> _Task prompt_:
Locate the line that contains "blk.add_arc(centre, radius, start, end)". Reproduce it and all following lines up to the end of the material, exactly and with nothing added.

> _Source material_:
——
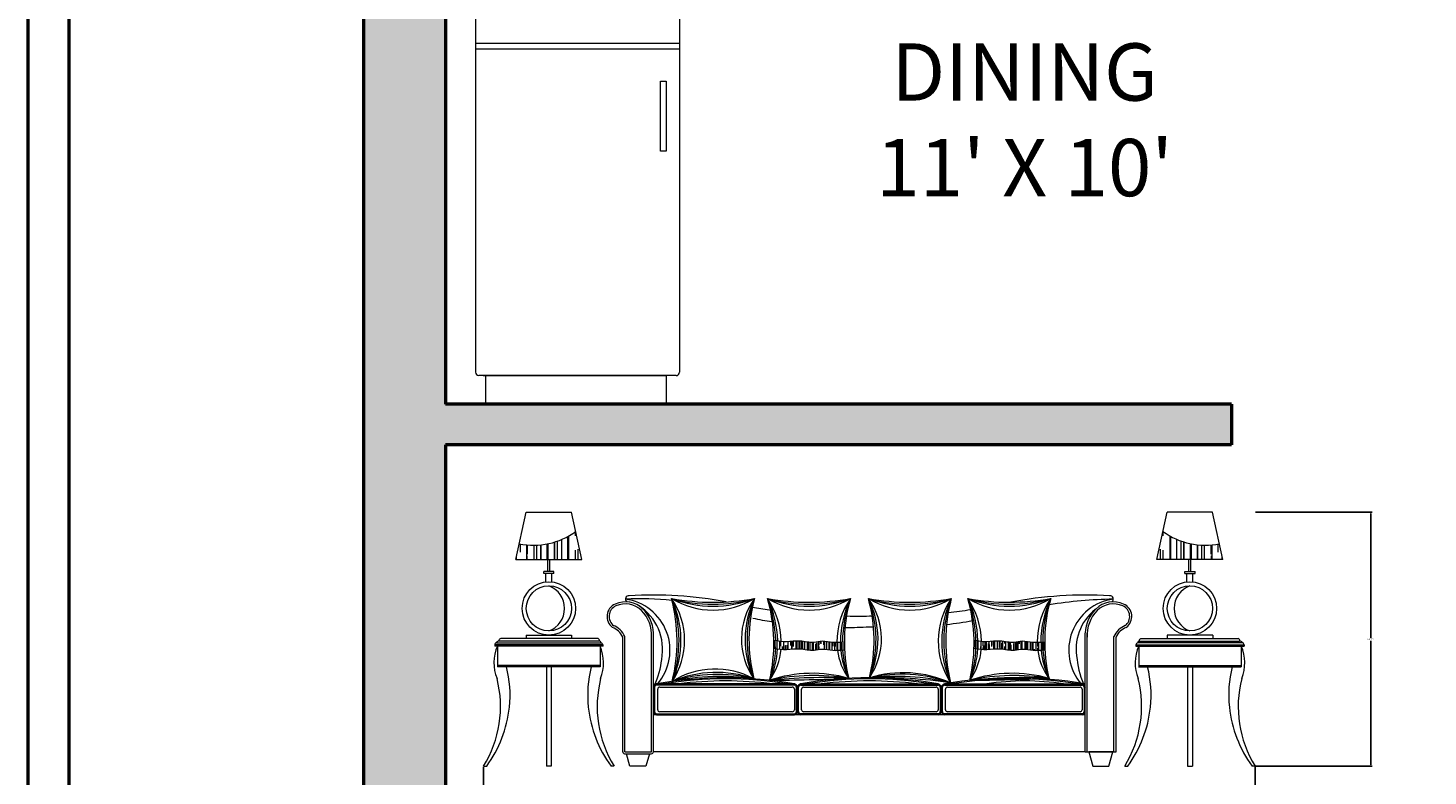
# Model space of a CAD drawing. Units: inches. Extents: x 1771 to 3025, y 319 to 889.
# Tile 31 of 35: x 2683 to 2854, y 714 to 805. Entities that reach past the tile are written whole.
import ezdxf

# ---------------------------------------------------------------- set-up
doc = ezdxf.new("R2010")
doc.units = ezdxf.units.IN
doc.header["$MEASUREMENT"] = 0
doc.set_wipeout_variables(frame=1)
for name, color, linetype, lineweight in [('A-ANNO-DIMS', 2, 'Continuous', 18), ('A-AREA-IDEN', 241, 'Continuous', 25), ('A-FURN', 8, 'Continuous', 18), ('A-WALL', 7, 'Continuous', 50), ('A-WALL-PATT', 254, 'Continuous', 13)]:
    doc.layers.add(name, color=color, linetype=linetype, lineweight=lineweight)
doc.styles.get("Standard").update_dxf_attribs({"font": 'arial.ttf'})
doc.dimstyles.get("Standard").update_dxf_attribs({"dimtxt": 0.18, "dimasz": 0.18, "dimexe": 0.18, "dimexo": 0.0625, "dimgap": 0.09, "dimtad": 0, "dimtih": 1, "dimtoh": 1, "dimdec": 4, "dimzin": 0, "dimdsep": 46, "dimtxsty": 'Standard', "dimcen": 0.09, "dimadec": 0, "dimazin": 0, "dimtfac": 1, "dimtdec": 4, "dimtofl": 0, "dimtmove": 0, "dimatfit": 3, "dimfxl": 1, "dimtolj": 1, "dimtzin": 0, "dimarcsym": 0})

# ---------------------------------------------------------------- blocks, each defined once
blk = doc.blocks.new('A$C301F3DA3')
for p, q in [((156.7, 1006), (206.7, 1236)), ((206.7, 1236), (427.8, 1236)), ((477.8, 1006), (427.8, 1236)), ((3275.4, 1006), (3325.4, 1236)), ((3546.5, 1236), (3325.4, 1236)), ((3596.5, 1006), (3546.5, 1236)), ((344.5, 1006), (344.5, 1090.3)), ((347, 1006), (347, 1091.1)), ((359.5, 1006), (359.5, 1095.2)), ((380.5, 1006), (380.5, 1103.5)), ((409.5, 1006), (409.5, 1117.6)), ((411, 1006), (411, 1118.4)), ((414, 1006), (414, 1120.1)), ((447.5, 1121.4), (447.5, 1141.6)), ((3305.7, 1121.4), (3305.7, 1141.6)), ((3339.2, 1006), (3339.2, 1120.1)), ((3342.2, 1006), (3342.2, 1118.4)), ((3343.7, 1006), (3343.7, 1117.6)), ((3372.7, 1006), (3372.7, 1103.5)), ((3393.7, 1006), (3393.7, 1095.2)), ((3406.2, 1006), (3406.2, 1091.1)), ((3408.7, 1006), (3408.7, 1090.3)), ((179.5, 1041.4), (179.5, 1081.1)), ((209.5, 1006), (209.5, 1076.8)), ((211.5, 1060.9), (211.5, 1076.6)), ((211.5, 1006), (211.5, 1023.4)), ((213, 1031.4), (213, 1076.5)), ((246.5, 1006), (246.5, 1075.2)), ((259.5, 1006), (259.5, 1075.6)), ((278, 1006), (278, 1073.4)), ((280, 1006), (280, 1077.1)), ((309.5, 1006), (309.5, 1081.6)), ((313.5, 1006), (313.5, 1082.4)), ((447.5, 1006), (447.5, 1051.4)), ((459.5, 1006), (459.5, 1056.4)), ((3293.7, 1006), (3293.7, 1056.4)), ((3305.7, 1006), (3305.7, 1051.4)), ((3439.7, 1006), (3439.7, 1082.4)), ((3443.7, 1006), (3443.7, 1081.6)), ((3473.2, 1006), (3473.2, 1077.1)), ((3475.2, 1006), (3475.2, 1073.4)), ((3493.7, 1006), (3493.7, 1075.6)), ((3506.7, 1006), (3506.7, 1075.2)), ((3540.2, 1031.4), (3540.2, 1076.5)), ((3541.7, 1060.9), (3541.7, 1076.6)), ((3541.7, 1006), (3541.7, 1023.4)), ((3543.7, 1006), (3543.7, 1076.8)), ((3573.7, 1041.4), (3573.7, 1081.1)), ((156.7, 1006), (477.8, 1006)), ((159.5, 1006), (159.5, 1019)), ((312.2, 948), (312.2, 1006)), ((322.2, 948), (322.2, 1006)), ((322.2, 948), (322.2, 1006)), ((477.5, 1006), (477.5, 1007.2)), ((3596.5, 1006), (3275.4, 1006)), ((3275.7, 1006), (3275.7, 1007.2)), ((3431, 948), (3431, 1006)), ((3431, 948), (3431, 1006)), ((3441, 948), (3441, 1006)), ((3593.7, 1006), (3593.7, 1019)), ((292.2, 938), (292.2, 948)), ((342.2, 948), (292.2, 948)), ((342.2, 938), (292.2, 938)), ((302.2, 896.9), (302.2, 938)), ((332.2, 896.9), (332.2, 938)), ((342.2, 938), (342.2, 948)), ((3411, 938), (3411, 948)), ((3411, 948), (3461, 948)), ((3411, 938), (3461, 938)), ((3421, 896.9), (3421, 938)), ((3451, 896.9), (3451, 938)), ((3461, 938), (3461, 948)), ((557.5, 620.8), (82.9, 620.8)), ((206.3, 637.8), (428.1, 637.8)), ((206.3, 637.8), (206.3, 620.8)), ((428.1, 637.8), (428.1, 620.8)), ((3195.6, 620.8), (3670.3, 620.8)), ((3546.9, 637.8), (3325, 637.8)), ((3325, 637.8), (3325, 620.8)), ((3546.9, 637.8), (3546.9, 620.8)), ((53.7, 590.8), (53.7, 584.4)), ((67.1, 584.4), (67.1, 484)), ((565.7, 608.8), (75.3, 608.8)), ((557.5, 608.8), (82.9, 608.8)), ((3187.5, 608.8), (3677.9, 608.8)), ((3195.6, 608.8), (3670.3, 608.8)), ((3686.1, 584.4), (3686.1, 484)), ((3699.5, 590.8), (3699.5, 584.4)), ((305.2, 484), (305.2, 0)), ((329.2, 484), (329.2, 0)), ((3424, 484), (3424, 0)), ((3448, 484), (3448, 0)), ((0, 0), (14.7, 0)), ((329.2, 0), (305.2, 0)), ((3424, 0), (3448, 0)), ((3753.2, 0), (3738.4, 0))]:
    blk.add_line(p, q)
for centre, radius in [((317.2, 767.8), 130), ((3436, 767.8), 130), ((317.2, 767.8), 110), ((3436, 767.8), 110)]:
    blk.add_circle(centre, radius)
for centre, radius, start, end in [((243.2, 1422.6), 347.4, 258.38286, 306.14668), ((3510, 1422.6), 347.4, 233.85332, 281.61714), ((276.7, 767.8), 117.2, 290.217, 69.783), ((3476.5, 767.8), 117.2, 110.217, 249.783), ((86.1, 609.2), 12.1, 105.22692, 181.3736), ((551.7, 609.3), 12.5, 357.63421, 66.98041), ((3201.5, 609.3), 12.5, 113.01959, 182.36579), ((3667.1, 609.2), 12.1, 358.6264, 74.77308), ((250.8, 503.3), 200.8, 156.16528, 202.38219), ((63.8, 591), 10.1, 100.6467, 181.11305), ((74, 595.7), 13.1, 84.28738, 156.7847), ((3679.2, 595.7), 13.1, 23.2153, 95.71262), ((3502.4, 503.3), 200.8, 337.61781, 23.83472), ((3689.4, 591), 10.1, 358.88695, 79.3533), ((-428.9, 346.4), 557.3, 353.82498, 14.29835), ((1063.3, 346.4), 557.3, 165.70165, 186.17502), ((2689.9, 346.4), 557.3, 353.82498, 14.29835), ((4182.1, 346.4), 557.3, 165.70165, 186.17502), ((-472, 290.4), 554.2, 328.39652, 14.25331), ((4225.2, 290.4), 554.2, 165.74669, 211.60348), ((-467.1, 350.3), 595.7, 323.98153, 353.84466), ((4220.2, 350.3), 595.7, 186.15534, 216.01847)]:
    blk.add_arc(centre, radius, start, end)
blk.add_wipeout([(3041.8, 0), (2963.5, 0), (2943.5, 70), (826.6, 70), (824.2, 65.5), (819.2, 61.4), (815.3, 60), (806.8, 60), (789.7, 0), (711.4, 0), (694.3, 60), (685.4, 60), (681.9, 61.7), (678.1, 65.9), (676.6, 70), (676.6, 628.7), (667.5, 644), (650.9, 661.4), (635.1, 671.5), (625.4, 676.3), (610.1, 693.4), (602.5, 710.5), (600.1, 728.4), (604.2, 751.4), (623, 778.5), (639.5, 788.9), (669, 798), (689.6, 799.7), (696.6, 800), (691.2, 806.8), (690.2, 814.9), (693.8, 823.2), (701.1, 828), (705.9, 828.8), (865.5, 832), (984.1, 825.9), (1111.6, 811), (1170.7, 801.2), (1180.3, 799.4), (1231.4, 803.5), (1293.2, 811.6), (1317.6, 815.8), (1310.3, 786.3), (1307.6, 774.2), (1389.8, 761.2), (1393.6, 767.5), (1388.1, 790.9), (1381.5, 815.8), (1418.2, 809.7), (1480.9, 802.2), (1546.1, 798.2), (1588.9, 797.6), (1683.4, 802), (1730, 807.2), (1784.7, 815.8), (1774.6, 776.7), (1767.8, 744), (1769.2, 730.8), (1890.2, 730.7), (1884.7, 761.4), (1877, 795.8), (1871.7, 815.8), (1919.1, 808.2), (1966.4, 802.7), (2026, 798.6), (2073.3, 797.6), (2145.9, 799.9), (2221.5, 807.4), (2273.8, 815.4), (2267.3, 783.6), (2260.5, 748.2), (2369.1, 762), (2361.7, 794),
——
> _Completed exercise_:
    blk.add_arc(centre, radius, start, end)
blk.add_wipeout([(3041.8, 0), (2963.5, 0), (2943.5, 70), (826.6, 70), (824.2, 65.5), (819.2, 61.4), (815.3, 60), (806.8, 60), (789.7, 0), (711.4, 0), (694.3, 60), (685.4, 60), (681.9, 61.7), (678.1, 65.9), (676.6, 70), (676.6, 628.7), (667.5, 644), (650.9, 661.4), (635.1, 671.5), (625.4, 676.3), (610.1, 693.4), (602.5, 710.5), (600.1, 728.4), (604.2, 751.4), (623, 778.5), (639.5, 788.9), (669, 798), (689.6, 799.7), (696.6, 800), (691.2, 806.8), (690.2, 814.9), (693.8, 823.2), (701.1, 828), (705.9, 828.8), (865.5, 832), (984.1, 825.9), (1111.6, 811), (1170.7, 801.2), (1180.3, 799.4), (1231.4, 803.5), (1293.2, 811.6), (1317.6, 815.8), (1310.3, 786.3), (1307.6, 774.2), (1389.8, 761.2), (1393.6, 767.5), (1388.1, 790.9), (1381.5, 815.8), (1418.2, 809.7), (1480.9, 802.2), (1546.1, 798.2), (1588.9, 797.6), (1683.4, 802), (1730, 807.2), (1784.7, 815.8), (1774.6, 776.7), (1767.8, 744), (1769.2, 730.8), (1890.2, 730.7), (1884.7, 761.4), (1877, 795.8), (1871.7, 815.8), (1919.1, 808.2), (1966.4, 802.7), (2026, 798.6), (2073.3, 797.6), (2145.9, 799.9), (2221.5, 807.4), (2273.8, 815.4), (2267.3, 783.6), (2260.5, 748.2), (2369.1, 762), (2361.7, 794),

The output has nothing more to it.